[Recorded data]
━━━━━━━━━━━━━━━━
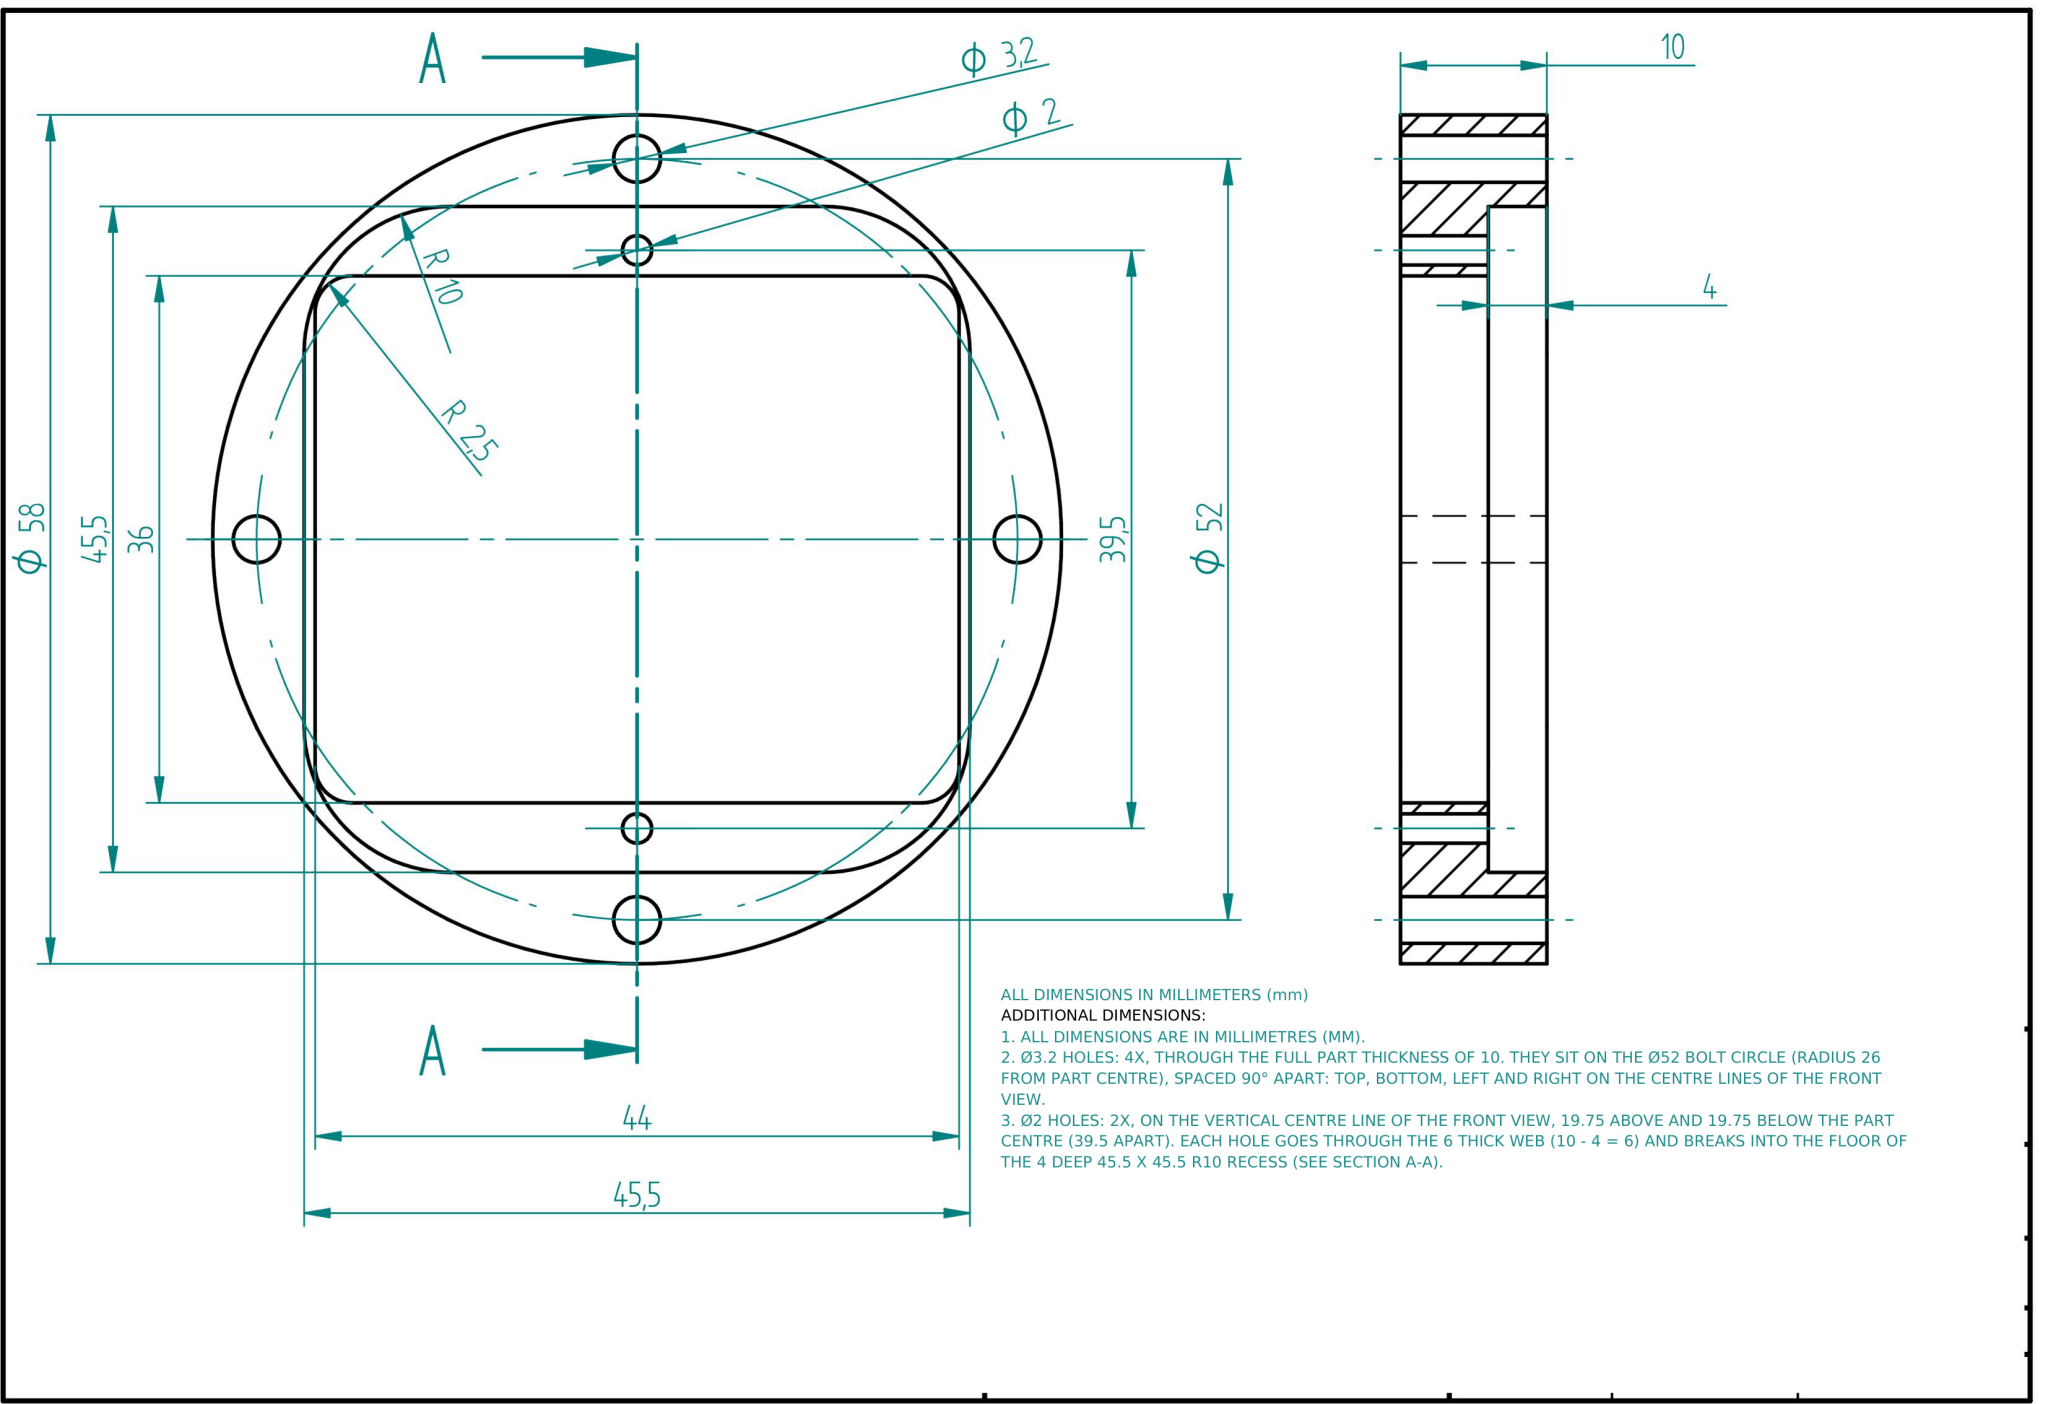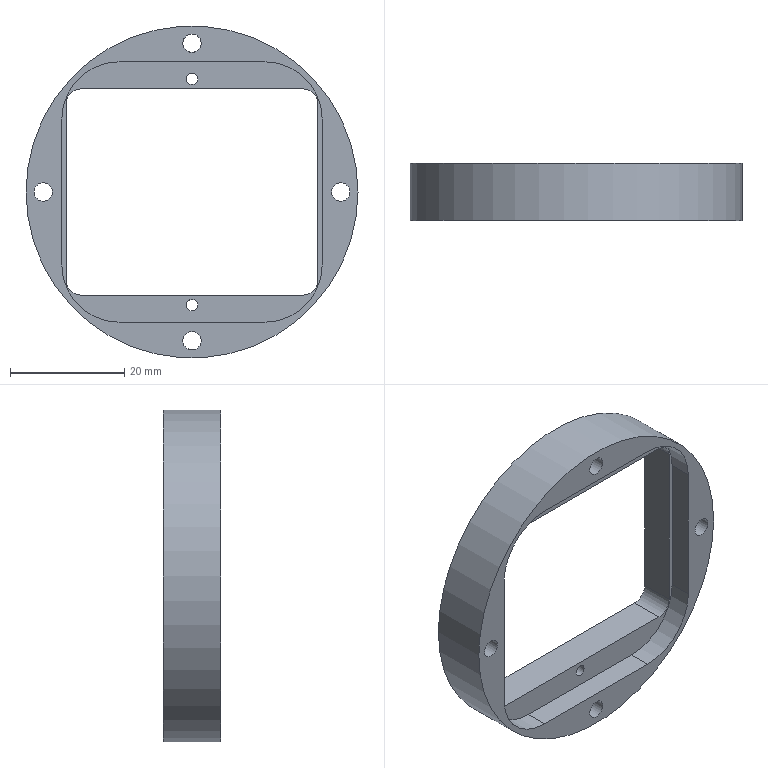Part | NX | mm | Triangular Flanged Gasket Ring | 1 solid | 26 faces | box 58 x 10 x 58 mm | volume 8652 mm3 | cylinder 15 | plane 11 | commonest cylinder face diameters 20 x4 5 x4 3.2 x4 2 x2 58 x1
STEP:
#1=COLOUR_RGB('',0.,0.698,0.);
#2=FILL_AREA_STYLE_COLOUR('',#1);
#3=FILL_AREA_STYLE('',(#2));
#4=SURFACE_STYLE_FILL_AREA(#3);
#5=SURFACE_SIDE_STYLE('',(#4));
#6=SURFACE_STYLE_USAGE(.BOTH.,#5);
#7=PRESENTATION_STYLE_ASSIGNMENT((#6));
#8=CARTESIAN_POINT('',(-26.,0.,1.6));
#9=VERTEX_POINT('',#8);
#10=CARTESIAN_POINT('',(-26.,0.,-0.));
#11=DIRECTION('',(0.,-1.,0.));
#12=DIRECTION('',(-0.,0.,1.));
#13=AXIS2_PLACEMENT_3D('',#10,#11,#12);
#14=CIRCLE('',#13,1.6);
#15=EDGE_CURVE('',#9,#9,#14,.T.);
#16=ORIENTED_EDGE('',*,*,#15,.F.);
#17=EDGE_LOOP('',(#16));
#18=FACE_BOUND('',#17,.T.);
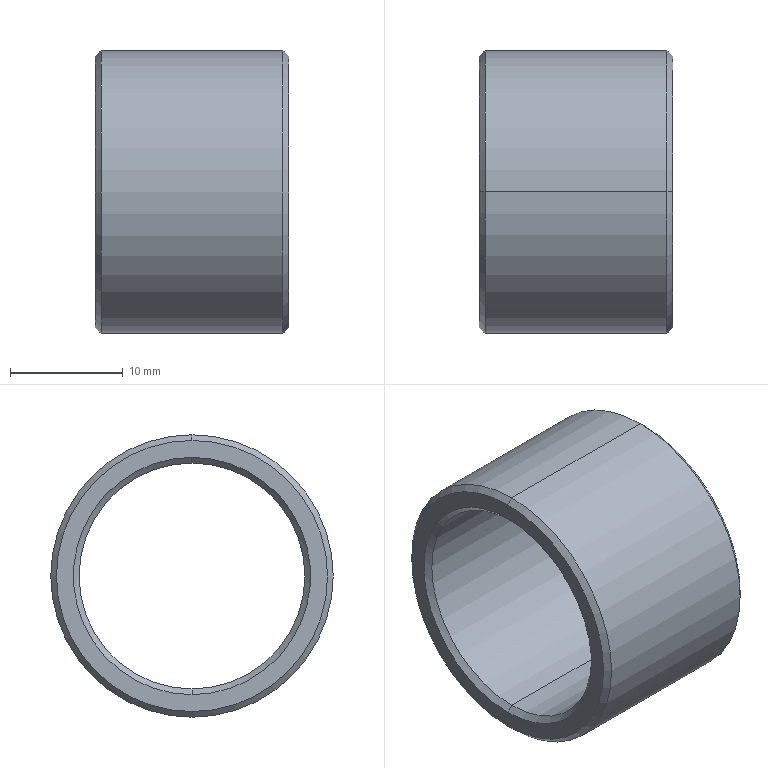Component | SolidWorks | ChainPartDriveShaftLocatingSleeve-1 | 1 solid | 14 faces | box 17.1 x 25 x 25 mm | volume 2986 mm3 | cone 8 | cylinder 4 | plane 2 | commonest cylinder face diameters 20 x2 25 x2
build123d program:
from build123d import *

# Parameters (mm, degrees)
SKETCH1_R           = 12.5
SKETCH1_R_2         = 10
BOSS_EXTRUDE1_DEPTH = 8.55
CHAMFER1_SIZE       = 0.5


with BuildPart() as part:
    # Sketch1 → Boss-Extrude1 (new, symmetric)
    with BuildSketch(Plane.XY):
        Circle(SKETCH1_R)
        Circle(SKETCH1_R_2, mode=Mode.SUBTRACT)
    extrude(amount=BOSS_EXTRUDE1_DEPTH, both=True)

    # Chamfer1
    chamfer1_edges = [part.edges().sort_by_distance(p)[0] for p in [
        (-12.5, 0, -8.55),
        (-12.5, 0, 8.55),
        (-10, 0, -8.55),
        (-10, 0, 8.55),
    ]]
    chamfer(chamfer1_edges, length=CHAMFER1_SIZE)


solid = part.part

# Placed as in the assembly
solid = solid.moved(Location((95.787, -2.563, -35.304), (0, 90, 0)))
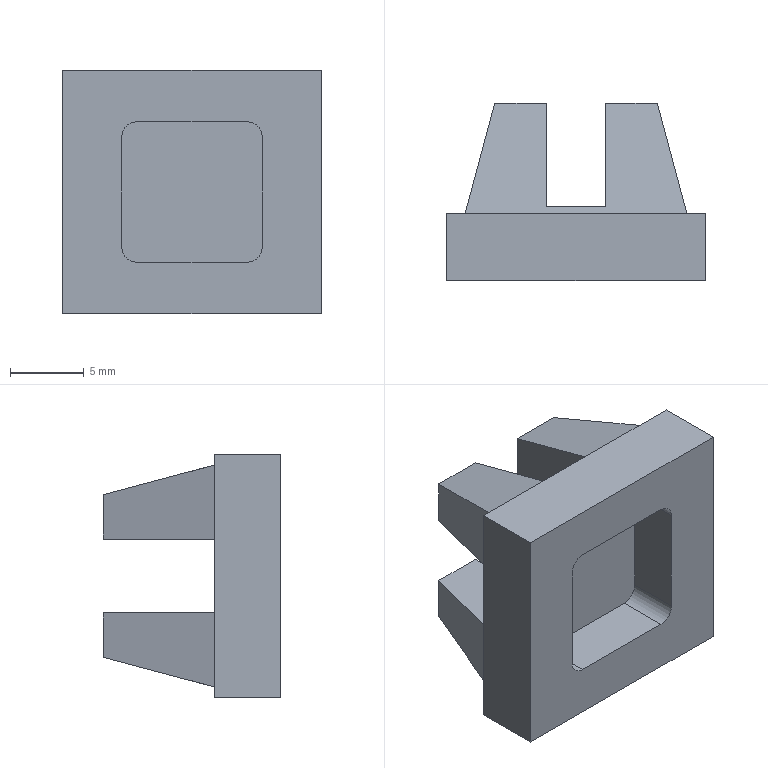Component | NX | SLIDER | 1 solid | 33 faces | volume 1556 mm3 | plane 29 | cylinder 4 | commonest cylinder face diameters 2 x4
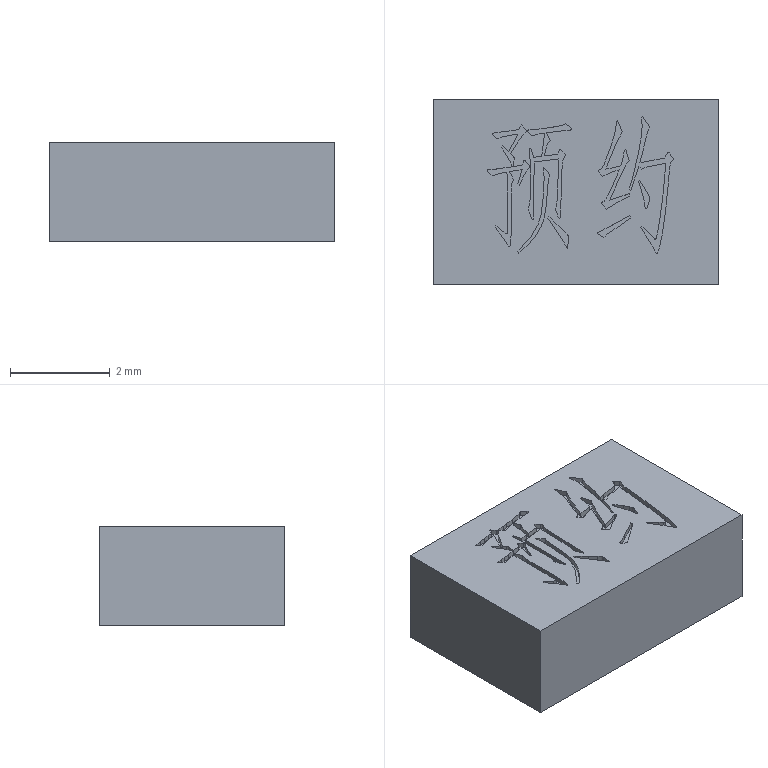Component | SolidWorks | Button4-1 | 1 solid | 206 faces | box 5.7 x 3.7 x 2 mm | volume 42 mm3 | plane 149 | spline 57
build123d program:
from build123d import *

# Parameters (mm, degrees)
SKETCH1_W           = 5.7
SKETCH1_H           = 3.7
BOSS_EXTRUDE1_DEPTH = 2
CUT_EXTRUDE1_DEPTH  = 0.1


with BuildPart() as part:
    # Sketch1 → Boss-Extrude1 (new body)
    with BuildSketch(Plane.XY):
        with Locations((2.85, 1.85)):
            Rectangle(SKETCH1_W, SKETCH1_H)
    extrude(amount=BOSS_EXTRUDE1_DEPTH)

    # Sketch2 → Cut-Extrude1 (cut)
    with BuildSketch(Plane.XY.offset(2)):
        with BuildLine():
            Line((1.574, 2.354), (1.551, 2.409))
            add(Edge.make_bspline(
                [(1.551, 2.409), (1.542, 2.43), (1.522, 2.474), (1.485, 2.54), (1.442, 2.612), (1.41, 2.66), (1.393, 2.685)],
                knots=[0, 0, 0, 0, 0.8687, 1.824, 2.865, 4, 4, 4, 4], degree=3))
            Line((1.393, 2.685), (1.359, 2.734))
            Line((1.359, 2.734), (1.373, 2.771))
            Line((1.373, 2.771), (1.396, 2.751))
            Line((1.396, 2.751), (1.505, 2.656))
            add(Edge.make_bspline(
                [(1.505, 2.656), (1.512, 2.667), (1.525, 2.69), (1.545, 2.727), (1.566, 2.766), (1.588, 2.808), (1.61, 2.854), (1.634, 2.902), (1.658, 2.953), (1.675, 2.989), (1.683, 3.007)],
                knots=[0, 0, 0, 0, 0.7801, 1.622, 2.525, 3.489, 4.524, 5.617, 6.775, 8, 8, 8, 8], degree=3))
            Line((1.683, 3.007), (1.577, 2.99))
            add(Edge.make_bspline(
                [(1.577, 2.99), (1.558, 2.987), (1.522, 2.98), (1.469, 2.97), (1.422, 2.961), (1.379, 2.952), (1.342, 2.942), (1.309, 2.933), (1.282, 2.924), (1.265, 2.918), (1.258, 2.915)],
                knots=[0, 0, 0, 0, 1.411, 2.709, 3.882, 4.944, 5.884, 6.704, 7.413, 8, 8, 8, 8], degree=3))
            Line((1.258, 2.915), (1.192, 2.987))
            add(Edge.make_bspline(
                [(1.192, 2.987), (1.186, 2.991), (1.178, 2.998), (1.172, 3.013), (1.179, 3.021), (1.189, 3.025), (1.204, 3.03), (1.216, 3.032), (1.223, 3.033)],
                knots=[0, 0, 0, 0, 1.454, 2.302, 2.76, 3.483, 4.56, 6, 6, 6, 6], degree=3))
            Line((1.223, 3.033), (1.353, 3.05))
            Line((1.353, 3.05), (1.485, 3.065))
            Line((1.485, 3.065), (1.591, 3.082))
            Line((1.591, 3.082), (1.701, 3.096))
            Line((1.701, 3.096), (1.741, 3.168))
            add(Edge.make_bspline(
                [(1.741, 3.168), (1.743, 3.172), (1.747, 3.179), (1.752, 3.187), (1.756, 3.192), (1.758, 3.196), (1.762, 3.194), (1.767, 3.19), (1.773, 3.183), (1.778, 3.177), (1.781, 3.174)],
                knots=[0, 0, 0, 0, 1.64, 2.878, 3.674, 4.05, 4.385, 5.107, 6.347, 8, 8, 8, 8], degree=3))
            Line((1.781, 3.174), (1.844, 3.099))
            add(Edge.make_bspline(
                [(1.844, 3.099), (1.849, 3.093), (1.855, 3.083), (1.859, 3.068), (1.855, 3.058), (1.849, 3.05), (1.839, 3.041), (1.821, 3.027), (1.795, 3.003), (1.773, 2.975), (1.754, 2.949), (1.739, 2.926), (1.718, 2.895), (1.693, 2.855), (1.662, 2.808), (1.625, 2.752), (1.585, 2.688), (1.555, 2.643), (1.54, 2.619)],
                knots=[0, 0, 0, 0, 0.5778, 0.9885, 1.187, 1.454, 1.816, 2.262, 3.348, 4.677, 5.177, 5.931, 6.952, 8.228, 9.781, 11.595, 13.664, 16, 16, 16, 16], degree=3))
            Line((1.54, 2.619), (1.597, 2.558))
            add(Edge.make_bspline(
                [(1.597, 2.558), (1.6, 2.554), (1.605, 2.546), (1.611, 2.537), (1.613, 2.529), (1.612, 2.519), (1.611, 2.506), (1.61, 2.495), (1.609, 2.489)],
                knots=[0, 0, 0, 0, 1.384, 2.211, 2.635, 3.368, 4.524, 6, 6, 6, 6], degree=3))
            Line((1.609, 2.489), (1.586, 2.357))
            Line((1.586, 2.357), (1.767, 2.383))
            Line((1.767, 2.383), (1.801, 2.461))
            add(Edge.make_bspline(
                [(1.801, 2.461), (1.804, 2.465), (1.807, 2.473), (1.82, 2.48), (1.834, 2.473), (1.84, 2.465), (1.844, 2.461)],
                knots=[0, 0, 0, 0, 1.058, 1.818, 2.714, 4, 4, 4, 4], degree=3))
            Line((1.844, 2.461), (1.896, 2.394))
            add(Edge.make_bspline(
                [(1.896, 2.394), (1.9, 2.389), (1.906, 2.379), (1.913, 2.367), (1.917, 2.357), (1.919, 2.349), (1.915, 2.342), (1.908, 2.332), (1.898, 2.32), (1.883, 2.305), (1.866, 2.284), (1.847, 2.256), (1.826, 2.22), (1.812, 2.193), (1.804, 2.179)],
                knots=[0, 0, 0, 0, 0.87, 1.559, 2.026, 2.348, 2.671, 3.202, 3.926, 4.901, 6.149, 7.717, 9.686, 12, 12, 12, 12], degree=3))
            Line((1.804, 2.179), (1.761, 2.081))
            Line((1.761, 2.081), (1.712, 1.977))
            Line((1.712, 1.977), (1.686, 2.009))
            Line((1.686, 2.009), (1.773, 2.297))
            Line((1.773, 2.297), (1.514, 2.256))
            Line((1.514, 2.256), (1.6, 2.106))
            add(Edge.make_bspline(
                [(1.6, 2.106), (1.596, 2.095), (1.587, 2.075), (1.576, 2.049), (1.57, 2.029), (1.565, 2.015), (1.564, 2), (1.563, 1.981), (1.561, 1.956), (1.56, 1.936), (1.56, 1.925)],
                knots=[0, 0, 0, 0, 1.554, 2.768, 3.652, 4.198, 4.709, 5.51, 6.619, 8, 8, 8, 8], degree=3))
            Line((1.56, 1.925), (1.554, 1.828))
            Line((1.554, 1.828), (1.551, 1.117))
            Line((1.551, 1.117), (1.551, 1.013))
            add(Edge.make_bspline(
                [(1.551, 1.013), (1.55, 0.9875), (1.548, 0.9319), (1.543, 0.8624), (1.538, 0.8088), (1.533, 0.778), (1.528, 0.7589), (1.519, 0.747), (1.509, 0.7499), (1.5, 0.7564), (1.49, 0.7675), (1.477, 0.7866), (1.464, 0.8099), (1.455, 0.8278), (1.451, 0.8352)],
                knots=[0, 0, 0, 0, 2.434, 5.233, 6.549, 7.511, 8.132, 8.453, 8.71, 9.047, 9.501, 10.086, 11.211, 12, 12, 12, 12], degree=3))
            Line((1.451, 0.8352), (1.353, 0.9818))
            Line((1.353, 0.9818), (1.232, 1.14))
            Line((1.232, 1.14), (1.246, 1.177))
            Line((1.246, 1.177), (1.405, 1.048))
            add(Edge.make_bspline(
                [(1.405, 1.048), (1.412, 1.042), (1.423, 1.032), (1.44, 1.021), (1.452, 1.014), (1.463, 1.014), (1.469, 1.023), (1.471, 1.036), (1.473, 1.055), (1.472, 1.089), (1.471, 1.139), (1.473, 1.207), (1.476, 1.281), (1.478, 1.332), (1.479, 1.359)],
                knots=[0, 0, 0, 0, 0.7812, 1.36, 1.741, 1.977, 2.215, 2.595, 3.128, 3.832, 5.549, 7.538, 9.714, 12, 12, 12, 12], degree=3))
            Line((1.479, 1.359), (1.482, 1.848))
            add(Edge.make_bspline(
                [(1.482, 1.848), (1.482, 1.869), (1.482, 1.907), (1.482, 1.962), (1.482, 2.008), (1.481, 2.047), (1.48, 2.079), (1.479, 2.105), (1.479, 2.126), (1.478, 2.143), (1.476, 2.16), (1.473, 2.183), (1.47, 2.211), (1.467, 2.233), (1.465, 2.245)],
━━━━━━━━━━━━━━━━
[Exercise details]
In the records above, find the line with "#8=CARTESIAN_POINT('',(-26.,0.,1.6));" and the line with "# Placed as in the assembly". Write out exactly those lines and every one between, with no pictures and no other lines.

[Answer area]
#8=CARTESIAN_POINT('',(-26.,0.,1.6));
#9=VERTEX_POINT('',#8);
#10=CARTESIAN_POINT('',(-26.,0.,-0.));
#11=DIRECTION('',(0.,-1.,0.));
#12=DIRECTION('',(-0.,0.,1.));
#13=AXIS2_PLACEMENT_3D('',#10,#11,#12);
#14=CIRCLE('',#13,1.6);
#15=EDGE_CURVE('',#9,#9,#14,.T.);
#16=ORIENTED_EDGE('',*,*,#15,.F.);
#17=EDGE_LOOP('',(#16));
#18=FACE_BOUND('',#17,.T.);
Component | SolidWorks | ChainPartDriveShaftLocatingSleeve-1 | 1 solid | 14 faces | box 17.1 x 25 x 25 mm | volume 2986 mm3 | cone 8 | cylinder 4 | plane 2 | commonest cylinder face diameters 20 x2 25 x2
build123d program:
from build123d import *

# Parameters (mm, degrees)
SKETCH1_R           = 12.5
SKETCH1_R_2         = 10
BOSS_EXTRUDE1_DEPTH = 8.55
CHAMFER1_SIZE       = 0.5


with BuildPart() as part:
    # Sketch1 → Boss-Extrude1 (new, symmetric)
    with BuildSketch(Plane.XY):
        Circle(SKETCH1_R)
        Circle(SKETCH1_R_2, mode=Mode.SUBTRACT)
    extrude(amount=BOSS_EXTRUDE1_DEPTH, both=True)

    # Chamfer1
    chamfer1_edges = [part.edges().sort_by_distance(p)[0] for p in [
        (-12.5, 0, -8.55),
        (-12.5, 0, 8.55),
        (-10, 0, -8.55),
        (-10, 0, 8.55),
    ]]
    chamfer(chamfer1_edges, length=CHAMFER1_SIZE)


solid = part.part

# Placed as in the assembly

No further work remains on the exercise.